[Source material]

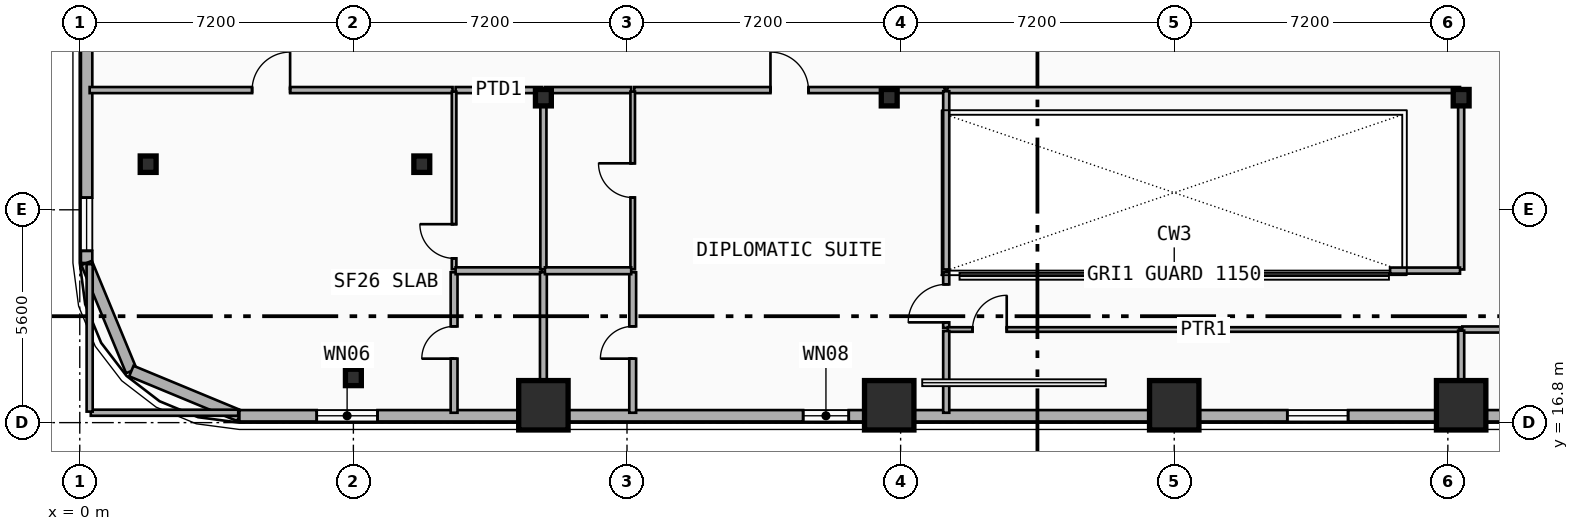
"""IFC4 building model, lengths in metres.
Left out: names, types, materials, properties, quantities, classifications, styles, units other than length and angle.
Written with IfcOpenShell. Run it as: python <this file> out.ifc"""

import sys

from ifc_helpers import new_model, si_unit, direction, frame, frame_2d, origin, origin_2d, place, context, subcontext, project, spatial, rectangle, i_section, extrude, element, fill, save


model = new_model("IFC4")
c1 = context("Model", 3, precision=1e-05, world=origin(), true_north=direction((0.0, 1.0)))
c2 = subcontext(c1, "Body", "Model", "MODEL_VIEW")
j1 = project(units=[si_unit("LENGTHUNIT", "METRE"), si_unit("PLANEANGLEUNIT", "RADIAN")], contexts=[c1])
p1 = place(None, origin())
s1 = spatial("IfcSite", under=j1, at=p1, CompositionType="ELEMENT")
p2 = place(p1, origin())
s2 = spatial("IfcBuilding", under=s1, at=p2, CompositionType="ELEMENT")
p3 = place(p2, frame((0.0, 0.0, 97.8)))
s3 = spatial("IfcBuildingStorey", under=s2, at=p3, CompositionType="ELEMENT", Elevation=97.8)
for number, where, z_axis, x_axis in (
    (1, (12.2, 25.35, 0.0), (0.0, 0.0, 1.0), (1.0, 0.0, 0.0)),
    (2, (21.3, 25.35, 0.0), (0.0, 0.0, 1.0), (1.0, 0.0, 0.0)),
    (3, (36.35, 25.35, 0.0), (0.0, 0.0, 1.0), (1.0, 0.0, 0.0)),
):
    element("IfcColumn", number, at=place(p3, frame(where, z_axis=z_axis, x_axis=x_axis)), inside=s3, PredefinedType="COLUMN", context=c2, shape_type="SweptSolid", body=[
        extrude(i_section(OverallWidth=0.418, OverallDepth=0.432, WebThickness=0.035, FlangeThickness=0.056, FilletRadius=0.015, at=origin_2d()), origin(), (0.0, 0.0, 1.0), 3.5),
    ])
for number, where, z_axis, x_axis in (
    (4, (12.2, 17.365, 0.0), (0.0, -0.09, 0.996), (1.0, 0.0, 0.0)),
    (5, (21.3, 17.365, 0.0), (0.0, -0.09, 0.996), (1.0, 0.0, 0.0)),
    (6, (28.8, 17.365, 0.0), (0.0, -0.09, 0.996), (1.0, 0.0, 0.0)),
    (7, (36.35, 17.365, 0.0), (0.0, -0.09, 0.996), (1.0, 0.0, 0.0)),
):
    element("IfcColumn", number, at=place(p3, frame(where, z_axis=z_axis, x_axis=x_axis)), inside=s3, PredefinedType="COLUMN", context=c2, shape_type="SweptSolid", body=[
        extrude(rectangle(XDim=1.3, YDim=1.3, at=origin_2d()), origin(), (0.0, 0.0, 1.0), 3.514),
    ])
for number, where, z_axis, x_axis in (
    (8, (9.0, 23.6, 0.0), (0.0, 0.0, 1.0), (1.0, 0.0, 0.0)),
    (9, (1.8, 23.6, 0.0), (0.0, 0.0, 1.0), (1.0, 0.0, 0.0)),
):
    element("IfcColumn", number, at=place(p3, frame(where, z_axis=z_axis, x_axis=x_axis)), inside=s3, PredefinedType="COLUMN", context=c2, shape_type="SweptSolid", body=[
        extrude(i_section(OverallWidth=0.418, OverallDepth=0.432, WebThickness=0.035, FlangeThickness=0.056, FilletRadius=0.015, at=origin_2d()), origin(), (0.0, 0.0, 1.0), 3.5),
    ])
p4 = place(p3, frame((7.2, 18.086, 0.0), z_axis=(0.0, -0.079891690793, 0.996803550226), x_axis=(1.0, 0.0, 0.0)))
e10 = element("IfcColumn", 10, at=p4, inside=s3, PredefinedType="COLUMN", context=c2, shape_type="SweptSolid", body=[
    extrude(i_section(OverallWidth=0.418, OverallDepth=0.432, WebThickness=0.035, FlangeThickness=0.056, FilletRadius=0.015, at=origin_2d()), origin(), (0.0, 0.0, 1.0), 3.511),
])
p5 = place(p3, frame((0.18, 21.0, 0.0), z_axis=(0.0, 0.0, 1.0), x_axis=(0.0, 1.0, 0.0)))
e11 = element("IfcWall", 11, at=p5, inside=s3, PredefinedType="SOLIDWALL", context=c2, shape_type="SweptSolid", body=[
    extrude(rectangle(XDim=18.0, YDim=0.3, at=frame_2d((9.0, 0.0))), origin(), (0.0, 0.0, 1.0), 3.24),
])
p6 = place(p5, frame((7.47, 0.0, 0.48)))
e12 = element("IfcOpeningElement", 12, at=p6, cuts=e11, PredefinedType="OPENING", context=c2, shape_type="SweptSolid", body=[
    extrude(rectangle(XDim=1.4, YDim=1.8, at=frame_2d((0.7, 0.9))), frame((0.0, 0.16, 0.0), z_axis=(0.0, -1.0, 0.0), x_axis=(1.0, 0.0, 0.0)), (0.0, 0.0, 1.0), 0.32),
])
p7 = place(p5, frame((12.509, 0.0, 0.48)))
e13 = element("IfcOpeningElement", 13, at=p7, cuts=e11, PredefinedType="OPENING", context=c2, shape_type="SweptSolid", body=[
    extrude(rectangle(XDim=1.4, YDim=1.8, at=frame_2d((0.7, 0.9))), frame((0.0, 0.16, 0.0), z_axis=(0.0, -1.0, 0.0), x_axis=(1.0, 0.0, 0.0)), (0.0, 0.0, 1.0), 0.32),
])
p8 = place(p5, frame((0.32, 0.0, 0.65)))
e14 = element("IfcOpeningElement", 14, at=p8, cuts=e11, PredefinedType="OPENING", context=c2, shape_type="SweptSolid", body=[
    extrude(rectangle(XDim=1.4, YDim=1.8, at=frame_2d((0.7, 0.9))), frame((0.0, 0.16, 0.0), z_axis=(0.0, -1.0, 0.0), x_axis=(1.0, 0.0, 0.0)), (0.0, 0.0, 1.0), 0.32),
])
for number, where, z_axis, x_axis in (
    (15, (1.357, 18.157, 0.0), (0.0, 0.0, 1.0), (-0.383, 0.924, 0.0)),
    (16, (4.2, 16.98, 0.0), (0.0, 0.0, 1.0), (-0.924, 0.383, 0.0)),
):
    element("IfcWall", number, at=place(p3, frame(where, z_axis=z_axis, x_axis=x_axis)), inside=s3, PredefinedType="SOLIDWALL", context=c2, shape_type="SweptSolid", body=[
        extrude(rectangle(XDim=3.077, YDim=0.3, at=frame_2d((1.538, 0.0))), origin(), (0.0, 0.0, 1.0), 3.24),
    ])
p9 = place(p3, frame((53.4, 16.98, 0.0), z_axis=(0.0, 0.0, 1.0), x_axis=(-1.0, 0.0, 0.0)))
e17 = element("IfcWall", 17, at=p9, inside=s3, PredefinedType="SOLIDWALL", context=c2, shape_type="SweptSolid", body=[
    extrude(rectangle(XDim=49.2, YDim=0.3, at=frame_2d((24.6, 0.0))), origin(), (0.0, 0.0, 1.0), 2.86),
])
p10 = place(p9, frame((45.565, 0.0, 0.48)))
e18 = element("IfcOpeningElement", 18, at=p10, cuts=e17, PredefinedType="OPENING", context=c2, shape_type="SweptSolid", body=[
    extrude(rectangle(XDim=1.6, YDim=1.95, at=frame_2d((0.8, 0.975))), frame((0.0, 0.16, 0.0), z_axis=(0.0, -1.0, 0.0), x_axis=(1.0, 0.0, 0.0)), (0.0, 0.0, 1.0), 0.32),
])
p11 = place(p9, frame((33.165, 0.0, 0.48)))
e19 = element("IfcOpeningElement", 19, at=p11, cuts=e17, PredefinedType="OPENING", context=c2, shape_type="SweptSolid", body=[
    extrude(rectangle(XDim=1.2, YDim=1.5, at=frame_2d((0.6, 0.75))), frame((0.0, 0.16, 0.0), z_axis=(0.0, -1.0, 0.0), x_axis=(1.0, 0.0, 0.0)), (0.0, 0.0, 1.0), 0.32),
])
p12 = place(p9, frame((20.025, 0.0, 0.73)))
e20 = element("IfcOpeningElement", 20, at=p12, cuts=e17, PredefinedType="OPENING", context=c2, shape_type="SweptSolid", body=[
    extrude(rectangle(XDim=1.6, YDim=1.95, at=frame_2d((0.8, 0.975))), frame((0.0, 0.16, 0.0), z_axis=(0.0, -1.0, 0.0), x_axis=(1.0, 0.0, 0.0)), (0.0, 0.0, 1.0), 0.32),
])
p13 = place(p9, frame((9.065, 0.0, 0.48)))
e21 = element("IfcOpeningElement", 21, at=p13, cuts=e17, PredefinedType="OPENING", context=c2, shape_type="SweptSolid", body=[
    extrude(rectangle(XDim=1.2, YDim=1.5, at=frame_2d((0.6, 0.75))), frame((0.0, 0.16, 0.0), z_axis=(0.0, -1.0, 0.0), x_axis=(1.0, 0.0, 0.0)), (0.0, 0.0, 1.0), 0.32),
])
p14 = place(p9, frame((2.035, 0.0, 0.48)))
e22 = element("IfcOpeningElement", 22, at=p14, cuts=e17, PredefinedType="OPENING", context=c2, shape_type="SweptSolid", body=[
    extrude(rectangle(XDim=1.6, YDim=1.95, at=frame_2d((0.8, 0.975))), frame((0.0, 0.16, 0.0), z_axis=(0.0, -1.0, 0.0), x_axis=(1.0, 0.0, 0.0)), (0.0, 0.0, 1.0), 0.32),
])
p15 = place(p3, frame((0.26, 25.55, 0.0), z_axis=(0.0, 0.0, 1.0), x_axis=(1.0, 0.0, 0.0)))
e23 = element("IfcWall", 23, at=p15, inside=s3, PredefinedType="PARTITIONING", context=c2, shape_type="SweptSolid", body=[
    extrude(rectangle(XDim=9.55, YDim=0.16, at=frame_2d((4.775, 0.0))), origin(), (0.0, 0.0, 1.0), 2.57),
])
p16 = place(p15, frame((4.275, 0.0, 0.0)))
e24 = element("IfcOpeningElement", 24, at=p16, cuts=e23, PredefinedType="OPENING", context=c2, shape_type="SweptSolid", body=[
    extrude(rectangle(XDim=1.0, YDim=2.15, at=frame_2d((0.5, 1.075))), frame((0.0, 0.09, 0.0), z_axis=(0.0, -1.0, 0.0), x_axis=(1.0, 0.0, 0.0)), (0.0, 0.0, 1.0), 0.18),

[/Source material]

◆ Goal of the exercise: Where the string "units" appears in a line of the listing, copy that line.

◆ Task answer:
Left out: names, types, materials, properties, quantities, classifications, styles, units other than length and angle.
j1 = project(units=[si_unit("LENGTHUNIT", "METRE"), si_unit("PLANEANGLEUNIT", "RADIAN")], contexts=[c1])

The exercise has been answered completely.